Stored entries
========

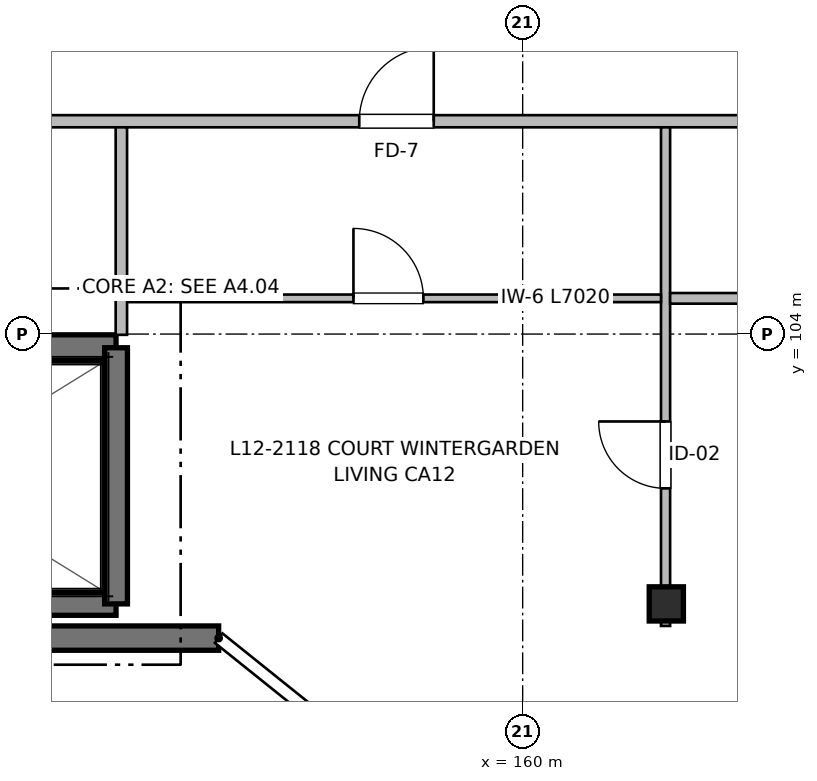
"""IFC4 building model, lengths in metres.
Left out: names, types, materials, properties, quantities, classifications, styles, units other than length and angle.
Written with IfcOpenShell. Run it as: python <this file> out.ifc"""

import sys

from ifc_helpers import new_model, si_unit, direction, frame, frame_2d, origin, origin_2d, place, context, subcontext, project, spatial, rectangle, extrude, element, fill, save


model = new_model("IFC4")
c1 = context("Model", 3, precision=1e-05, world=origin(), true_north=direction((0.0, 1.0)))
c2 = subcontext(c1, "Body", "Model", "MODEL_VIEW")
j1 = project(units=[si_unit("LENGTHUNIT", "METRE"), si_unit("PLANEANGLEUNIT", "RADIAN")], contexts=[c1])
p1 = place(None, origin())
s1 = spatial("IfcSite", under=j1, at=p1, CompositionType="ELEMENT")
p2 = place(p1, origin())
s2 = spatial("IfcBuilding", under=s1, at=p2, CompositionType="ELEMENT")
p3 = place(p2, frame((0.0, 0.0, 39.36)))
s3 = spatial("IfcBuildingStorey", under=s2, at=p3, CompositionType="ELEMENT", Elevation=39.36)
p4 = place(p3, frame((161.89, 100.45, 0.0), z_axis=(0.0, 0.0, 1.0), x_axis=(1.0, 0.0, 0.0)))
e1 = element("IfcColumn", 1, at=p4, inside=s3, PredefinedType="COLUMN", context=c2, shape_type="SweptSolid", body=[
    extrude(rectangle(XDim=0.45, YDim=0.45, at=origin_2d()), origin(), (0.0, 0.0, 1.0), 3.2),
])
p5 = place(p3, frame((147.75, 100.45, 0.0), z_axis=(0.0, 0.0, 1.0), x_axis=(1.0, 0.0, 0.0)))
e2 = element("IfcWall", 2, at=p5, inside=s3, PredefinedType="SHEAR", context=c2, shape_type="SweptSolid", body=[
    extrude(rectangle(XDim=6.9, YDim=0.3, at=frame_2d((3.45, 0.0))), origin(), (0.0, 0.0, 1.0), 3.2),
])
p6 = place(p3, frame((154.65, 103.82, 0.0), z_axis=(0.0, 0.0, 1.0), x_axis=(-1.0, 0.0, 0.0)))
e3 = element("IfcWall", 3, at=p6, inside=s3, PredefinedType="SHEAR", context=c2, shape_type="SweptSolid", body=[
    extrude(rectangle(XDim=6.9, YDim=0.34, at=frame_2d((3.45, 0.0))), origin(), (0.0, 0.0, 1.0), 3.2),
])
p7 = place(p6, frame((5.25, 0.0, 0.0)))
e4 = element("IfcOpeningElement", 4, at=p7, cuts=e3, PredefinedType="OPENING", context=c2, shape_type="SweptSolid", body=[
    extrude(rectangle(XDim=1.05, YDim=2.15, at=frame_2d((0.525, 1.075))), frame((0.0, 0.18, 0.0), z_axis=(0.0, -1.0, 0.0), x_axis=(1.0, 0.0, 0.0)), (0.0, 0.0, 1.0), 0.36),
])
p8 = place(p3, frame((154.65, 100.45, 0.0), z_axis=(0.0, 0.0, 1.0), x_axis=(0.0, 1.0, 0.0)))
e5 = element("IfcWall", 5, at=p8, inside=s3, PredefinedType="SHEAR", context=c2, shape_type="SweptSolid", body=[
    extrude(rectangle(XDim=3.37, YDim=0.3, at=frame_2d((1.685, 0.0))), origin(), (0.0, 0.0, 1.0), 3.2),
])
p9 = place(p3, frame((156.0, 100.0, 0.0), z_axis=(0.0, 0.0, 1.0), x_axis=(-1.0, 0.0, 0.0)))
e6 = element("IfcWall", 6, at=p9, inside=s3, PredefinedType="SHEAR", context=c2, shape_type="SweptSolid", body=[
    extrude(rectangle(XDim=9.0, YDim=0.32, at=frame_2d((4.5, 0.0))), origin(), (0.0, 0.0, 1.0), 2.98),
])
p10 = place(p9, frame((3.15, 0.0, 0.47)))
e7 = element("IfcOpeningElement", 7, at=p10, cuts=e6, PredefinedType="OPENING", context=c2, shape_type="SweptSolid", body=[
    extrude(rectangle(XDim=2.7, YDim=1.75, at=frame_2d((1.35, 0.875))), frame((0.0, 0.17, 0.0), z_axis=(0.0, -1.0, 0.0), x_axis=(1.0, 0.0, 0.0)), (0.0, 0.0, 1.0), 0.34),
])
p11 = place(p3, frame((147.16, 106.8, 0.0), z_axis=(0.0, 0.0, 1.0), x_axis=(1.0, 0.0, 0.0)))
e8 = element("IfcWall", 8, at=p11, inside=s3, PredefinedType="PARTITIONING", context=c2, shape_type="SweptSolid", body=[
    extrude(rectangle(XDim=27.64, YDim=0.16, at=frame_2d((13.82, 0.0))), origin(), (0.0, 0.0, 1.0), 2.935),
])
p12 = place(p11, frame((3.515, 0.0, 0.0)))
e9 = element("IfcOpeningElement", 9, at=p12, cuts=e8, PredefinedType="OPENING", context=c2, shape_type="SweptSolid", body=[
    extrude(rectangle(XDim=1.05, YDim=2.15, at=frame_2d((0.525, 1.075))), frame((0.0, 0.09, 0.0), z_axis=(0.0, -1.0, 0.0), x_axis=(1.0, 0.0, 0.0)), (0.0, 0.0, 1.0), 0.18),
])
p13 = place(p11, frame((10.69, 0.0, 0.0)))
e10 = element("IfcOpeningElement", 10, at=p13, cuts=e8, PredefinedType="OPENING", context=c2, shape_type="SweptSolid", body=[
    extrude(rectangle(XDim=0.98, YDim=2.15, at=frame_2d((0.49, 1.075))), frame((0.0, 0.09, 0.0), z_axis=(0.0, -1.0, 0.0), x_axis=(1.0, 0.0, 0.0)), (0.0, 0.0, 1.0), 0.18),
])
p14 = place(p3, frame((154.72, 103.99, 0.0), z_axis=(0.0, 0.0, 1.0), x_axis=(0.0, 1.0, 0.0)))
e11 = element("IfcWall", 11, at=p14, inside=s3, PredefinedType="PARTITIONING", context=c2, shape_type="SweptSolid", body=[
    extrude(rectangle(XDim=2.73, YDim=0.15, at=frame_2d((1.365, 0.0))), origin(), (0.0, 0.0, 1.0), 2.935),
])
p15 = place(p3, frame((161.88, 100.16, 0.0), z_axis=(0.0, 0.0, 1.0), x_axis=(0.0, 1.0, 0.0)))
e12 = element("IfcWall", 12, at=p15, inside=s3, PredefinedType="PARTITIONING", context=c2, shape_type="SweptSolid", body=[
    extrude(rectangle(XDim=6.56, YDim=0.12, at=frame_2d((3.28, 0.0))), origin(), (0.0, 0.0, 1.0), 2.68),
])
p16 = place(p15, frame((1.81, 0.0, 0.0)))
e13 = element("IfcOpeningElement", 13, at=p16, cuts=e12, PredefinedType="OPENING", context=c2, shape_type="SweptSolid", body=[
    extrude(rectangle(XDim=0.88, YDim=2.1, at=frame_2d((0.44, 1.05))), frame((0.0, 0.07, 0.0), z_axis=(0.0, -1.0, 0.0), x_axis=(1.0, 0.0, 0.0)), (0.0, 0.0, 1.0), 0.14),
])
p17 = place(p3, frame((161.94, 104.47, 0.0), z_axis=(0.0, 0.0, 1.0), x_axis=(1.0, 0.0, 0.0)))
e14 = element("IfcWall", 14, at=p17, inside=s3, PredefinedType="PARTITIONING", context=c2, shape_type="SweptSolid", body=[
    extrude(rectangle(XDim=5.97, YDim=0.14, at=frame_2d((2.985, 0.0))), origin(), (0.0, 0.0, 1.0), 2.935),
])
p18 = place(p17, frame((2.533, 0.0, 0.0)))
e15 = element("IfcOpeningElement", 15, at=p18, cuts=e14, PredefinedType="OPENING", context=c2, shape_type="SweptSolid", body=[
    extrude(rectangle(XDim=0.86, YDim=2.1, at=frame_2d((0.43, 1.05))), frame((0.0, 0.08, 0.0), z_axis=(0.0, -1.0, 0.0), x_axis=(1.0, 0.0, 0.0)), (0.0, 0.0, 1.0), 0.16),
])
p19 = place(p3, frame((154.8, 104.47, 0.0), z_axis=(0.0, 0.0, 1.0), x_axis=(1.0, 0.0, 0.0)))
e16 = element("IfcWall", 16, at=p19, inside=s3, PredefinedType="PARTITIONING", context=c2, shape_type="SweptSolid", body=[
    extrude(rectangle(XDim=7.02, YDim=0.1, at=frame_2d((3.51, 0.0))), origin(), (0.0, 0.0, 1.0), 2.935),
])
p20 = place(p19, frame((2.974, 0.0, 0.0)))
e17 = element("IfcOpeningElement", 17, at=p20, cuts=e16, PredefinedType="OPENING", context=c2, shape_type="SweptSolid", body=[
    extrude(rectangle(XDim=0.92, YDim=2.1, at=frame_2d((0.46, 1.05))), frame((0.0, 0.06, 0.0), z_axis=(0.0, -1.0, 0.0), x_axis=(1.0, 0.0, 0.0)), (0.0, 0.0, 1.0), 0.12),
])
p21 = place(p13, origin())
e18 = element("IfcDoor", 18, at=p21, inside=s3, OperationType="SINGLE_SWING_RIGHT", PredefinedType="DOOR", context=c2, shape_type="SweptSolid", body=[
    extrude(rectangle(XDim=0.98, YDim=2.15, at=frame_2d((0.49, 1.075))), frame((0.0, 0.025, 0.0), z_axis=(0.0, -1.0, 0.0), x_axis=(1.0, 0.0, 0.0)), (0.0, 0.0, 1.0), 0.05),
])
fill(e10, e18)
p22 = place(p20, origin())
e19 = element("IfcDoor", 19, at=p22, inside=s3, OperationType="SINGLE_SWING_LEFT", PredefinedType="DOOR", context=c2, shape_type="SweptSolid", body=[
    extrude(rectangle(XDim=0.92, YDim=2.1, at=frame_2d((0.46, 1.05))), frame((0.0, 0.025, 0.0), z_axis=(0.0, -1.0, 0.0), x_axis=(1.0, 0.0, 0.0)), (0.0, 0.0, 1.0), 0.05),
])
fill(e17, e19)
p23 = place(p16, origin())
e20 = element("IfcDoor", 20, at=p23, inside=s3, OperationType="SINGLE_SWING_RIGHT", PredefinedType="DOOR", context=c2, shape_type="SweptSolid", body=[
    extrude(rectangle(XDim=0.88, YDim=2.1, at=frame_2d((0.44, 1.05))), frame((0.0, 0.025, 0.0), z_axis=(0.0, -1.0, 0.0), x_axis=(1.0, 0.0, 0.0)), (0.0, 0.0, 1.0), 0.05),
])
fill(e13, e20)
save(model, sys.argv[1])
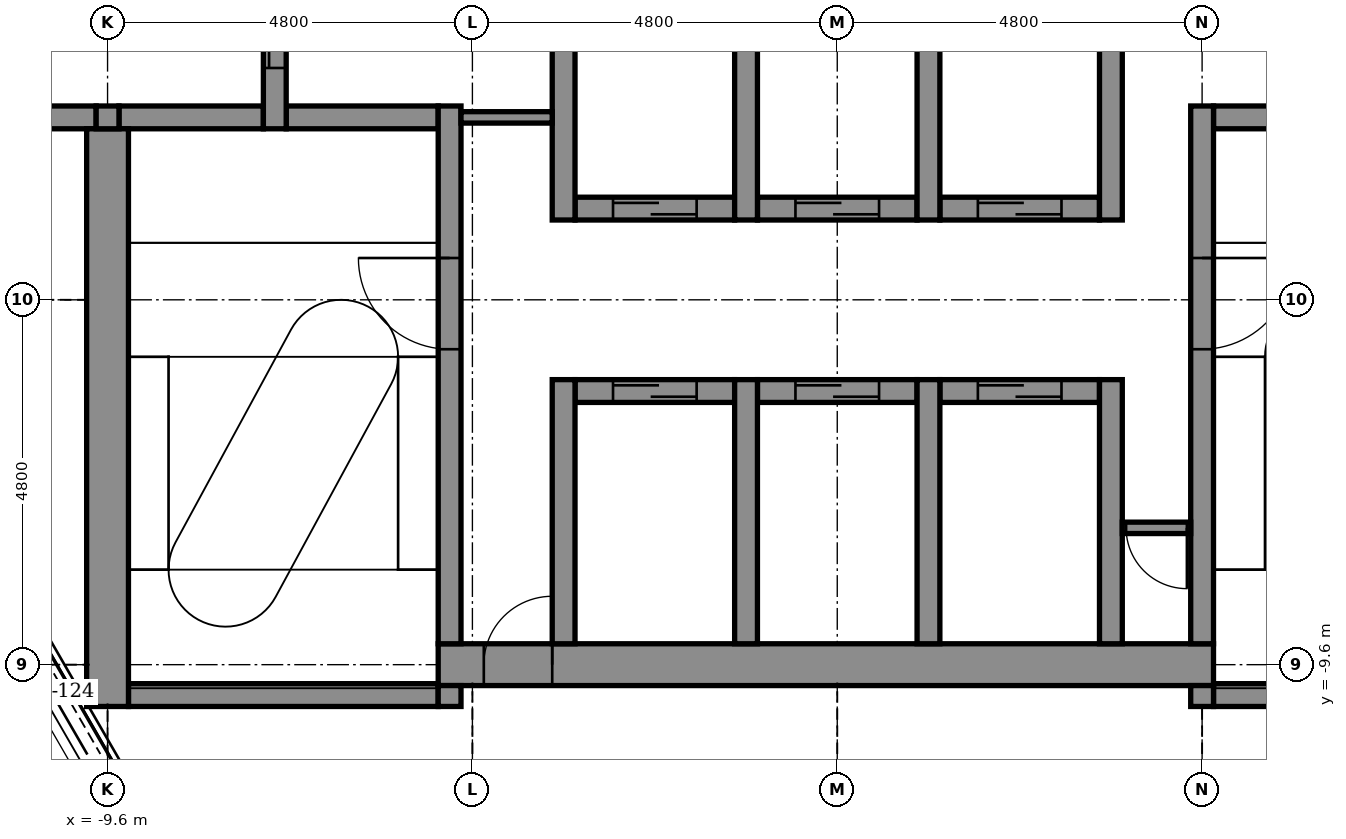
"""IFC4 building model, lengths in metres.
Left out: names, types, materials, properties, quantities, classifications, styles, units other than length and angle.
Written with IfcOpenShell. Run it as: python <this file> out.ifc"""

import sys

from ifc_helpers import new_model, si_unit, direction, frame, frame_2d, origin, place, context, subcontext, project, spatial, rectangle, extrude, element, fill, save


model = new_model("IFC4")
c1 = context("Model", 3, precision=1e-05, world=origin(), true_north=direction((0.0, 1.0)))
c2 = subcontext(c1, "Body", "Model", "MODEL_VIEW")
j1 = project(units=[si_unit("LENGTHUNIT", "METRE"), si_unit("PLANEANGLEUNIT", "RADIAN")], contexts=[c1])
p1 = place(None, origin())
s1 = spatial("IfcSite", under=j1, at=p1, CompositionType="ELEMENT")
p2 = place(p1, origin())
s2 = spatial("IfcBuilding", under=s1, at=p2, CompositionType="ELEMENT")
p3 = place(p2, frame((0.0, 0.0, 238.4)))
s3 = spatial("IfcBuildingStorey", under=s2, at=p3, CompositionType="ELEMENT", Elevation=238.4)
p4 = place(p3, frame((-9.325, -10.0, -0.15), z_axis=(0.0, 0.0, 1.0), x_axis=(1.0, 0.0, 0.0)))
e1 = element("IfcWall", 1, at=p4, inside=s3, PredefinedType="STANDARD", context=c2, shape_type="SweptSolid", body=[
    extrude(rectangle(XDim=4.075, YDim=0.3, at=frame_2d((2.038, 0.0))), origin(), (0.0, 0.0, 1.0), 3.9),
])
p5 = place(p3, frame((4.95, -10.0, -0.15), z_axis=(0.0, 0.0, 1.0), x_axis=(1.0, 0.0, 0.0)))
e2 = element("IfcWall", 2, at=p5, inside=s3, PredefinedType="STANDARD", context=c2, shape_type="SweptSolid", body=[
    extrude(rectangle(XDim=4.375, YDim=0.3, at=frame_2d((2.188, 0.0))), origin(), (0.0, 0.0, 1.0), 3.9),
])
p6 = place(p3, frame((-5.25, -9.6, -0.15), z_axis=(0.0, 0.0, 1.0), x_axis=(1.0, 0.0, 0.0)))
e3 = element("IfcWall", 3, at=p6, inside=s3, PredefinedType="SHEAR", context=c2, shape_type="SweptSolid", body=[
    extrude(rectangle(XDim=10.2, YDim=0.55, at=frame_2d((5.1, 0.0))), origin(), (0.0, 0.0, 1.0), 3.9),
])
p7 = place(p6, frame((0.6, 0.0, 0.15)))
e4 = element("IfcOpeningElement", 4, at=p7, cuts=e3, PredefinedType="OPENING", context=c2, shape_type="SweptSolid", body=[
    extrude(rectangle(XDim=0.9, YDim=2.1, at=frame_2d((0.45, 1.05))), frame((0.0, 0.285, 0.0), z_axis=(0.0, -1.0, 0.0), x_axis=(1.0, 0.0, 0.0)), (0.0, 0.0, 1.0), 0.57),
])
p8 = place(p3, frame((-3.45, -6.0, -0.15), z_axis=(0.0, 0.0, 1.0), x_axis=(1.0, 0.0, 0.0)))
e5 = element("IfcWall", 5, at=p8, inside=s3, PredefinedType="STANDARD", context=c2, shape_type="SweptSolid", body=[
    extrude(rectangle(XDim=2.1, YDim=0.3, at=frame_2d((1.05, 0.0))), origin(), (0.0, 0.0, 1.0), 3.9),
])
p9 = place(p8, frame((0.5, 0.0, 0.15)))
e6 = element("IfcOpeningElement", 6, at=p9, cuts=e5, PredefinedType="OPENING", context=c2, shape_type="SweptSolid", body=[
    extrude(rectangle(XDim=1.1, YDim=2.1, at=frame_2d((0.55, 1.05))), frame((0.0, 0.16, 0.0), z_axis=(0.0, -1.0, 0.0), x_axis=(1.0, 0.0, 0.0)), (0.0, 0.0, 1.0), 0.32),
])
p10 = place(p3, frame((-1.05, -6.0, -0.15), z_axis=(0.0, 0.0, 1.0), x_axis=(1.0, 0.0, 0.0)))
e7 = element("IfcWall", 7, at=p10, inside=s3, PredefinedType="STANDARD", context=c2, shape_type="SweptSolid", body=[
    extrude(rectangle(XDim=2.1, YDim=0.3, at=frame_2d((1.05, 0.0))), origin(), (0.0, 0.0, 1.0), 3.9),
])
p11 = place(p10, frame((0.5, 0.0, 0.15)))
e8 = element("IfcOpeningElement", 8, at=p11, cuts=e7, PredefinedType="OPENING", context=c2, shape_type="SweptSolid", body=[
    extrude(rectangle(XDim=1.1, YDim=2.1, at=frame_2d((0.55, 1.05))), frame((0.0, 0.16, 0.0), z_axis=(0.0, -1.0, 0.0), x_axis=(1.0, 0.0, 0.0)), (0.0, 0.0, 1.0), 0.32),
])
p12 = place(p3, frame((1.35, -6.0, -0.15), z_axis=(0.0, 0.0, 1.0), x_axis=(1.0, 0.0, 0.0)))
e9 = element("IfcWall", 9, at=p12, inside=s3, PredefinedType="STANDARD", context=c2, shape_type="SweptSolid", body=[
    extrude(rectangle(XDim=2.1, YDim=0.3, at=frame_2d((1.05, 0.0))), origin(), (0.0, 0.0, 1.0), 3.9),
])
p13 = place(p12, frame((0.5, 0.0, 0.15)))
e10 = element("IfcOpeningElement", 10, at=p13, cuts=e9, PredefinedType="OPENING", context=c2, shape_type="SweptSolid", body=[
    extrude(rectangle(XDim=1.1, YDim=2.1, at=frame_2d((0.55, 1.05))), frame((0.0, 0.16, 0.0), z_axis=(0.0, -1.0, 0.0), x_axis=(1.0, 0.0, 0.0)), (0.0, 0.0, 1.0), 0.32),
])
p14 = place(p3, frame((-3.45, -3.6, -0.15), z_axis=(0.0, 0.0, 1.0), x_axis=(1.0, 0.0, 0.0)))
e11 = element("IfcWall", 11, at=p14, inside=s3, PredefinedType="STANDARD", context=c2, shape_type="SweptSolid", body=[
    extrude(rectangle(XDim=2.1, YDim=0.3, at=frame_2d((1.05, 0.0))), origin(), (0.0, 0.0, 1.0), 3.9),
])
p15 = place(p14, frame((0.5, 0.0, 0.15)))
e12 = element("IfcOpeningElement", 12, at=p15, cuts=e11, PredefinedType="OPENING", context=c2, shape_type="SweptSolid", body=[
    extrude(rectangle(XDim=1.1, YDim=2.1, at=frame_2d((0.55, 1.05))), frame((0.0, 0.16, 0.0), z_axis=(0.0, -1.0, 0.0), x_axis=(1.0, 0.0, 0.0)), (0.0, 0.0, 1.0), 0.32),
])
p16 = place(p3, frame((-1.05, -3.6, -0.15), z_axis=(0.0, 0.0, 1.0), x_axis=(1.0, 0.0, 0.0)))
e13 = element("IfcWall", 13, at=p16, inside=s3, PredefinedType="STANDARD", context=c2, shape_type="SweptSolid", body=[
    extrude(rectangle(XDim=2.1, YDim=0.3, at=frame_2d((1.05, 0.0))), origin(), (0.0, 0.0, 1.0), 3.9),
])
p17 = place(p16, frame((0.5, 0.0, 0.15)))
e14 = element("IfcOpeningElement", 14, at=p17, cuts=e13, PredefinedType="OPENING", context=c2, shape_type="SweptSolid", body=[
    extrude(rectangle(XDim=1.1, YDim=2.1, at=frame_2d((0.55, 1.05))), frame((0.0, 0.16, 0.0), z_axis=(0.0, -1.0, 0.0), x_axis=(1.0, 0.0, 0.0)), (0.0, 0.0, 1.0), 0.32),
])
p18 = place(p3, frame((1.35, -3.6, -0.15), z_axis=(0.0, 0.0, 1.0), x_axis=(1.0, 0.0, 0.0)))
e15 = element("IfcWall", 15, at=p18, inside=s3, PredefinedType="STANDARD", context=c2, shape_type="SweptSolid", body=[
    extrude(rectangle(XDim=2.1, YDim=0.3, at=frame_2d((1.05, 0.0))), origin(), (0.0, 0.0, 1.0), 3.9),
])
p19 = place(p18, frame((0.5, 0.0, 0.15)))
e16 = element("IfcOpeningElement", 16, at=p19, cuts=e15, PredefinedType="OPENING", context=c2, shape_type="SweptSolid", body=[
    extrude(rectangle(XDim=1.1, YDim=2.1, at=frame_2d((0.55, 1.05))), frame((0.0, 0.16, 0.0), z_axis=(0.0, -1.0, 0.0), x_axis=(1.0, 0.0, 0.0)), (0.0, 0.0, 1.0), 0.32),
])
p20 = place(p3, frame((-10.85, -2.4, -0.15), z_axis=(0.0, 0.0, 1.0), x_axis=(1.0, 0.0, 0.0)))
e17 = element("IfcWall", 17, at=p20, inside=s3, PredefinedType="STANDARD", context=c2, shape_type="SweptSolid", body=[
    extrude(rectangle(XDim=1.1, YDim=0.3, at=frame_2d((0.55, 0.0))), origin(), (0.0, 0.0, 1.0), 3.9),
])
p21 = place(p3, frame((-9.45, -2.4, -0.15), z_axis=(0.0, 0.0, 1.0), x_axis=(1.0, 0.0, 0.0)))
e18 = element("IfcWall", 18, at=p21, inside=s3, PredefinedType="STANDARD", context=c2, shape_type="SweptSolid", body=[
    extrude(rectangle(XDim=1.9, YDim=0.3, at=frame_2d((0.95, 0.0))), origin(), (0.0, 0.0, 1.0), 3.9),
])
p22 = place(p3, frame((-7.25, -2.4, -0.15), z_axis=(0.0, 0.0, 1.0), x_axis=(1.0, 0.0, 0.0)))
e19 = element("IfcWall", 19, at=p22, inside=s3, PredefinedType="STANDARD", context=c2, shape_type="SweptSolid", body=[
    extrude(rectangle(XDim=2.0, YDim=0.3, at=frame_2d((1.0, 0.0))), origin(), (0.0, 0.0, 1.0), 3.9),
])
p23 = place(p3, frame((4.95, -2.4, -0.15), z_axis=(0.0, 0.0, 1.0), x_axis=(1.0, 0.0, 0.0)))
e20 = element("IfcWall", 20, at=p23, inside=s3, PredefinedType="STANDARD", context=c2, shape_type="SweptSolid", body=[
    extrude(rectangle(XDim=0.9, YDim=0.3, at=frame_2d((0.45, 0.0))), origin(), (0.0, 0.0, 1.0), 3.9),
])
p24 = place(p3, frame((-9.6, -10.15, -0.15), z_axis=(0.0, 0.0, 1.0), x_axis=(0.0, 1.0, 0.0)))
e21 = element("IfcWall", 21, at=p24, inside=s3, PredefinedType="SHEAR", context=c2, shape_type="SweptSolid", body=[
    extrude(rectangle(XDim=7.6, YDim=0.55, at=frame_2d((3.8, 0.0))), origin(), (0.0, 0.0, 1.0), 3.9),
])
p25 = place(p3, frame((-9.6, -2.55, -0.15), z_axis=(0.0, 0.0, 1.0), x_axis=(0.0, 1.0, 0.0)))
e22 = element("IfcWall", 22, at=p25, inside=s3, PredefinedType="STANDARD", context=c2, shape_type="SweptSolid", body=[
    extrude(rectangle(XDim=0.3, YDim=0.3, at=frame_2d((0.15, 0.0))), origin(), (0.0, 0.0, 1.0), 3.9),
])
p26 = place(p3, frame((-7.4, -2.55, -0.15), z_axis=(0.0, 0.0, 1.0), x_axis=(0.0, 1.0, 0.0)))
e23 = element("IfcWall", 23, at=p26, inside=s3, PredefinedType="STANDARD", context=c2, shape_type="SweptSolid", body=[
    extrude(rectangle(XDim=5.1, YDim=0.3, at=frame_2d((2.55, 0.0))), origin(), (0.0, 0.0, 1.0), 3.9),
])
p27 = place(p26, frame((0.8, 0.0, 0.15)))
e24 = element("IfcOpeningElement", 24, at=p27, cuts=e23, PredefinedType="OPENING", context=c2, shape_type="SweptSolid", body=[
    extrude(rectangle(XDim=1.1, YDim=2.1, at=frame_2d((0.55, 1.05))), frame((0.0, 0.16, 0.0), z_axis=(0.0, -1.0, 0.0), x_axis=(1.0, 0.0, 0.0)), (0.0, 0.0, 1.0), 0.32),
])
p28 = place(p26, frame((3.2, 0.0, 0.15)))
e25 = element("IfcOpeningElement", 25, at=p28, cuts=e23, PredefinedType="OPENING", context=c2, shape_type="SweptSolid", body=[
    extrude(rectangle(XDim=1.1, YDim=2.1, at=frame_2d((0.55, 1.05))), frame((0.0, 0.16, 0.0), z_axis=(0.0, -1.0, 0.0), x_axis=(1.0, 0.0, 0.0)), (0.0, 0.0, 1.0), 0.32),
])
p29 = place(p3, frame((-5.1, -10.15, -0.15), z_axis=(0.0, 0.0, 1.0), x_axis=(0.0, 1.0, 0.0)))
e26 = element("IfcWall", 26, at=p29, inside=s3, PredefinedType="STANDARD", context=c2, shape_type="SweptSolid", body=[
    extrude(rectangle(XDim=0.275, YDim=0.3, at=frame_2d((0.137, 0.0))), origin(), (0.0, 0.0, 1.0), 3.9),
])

========

• **YOUR TASK**
What are the lines of the data above that include the string "Elevation"? Copy them.

• **EXERCISE RESPONSE**
s3 = spatial("IfcBuildingStorey", under=s2, at=p3, CompositionType="ELEMENT", Elevation=39.36)
s3 = spatial("IfcBuildingStorey", under=s2, at=p3, CompositionType="ELEMENT", Elevation=238.4)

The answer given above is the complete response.